# What you need to do:
Every line of the records below from the line with "(31.04, 3)], close=True)" up to and including the line with "blk = doc.blocks.new('*D31')" must be reproduced exactly, and no line outside that range.
--- Source material ---
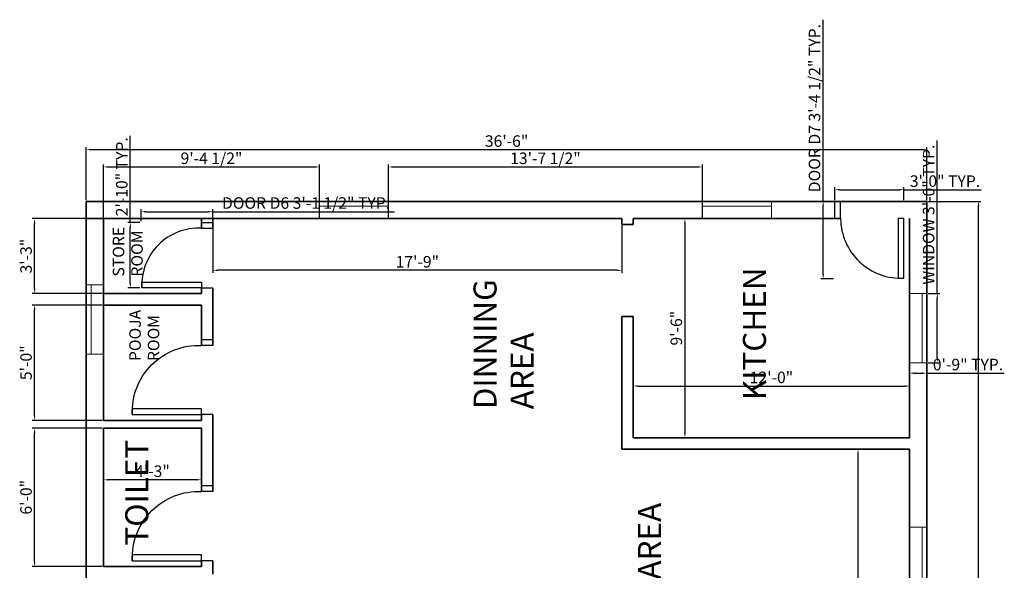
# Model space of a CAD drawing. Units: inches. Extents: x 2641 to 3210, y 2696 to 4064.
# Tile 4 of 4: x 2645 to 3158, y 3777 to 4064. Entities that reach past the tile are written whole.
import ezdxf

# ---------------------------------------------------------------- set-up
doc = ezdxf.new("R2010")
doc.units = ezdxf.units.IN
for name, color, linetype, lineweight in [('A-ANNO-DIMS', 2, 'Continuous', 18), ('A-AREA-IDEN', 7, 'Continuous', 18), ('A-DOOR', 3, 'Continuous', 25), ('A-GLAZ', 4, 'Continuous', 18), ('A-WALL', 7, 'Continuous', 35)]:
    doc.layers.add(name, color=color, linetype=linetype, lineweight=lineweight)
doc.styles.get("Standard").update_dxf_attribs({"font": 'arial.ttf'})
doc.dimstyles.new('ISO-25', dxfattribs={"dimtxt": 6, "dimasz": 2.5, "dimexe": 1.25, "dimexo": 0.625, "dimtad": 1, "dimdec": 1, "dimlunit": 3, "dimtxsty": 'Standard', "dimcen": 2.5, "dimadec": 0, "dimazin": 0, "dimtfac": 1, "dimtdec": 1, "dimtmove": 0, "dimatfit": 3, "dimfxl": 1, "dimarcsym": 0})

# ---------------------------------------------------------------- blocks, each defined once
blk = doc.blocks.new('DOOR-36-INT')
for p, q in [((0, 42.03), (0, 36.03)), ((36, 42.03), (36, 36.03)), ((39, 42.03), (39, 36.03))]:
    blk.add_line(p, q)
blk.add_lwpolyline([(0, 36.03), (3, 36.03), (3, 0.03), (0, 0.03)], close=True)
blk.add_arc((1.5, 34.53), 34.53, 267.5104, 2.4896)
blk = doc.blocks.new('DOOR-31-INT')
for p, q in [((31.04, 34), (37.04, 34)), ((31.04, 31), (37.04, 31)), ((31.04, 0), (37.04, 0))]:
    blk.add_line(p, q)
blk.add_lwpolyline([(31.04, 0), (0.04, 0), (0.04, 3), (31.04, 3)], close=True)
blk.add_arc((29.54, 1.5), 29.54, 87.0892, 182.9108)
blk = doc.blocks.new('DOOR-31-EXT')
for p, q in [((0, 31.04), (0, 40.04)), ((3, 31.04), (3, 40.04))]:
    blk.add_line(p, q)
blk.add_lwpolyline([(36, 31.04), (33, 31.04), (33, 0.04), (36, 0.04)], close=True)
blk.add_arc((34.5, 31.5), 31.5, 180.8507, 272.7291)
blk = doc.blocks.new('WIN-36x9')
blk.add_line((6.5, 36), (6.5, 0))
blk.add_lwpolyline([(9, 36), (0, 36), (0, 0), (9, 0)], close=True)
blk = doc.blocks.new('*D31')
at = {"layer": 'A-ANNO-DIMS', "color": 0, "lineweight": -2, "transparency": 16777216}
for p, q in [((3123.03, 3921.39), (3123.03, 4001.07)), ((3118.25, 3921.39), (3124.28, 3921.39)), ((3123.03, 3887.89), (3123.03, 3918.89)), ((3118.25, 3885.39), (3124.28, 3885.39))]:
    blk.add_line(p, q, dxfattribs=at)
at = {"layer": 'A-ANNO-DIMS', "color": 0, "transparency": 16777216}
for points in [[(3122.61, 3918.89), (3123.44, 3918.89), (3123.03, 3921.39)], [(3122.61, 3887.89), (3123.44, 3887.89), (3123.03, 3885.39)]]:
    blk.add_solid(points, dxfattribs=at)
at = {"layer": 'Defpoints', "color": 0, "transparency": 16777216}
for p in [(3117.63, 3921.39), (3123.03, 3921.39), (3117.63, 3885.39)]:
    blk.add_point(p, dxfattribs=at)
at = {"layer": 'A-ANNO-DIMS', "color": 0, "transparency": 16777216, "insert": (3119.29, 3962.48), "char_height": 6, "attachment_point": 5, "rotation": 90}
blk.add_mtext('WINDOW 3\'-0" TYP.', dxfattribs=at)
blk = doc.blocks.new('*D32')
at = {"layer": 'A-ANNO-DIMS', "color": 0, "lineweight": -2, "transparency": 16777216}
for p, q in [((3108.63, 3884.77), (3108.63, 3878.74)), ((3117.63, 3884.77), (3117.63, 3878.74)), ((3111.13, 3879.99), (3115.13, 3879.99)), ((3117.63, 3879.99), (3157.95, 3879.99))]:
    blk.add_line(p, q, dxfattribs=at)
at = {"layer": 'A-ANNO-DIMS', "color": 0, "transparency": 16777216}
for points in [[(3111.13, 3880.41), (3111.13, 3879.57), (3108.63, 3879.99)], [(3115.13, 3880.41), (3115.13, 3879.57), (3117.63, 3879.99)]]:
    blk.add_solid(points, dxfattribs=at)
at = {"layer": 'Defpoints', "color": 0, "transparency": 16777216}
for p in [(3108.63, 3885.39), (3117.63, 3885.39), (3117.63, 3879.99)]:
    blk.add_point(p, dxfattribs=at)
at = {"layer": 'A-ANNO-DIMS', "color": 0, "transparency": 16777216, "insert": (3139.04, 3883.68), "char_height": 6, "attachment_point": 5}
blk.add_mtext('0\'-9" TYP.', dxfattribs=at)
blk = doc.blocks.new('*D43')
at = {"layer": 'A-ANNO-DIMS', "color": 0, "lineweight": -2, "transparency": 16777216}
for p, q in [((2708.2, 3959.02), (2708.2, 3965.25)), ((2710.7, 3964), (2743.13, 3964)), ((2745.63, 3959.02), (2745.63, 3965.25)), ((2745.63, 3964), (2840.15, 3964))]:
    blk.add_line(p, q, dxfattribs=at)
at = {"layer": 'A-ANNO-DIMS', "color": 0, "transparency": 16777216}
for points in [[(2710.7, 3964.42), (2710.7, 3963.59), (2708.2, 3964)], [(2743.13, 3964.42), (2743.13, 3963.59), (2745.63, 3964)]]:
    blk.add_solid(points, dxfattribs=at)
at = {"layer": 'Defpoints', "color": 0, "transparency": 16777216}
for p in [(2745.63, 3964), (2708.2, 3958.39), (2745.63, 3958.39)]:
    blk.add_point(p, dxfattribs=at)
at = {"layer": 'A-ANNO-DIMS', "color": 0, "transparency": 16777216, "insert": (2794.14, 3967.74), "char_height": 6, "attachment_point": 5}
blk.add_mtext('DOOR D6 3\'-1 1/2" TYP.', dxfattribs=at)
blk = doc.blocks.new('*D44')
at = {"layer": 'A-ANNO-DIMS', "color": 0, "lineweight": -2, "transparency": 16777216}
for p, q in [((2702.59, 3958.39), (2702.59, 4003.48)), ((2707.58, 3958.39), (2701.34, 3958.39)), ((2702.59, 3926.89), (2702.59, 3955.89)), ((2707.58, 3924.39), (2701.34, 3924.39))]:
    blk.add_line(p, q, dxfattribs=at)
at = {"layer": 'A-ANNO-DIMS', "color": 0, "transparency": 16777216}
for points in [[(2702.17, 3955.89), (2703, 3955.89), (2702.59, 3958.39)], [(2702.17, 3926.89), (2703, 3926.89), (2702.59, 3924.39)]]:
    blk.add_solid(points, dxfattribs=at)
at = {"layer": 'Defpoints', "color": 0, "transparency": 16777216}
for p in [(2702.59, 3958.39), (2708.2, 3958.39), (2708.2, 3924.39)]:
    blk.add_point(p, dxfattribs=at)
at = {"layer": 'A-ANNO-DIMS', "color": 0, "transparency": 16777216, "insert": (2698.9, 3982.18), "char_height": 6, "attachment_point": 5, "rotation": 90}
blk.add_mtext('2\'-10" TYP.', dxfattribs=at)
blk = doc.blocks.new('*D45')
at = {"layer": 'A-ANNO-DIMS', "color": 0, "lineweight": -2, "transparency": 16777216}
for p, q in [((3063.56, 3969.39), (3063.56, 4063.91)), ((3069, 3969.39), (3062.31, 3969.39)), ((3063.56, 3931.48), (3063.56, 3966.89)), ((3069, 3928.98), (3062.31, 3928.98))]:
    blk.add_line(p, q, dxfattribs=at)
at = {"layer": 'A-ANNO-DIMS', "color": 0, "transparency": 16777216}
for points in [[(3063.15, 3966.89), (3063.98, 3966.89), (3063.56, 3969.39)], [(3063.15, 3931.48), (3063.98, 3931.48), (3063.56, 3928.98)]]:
---
# Answer space:
blk.add_lwpolyline([(31.04, 0), (0.04, 0), (0.04, 3), (31.04, 3)], close=True)
blk.add_arc((29.54, 1.5), 29.54, 87.0892, 182.9108)
blk = doc.blocks.new('DOOR-31-EXT')
for p, q in [((0, 31.04), (0, 40.04)), ((3, 31.04), (3, 40.04))]:
    blk.add_line(p, q)
blk.add_lwpolyline([(36, 31.04), (33, 31.04), (33, 0.04), (36, 0.04)], close=True)
blk.add_arc((34.5, 31.5), 31.5, 180.8507, 272.7291)
blk = doc.blocks.new('WIN-36x9')
blk.add_line((6.5, 36), (6.5, 0))
blk.add_lwpolyline([(9, 36), (0, 36), (0, 0), (9, 0)], close=True)
blk = doc.blocks.new('*D31')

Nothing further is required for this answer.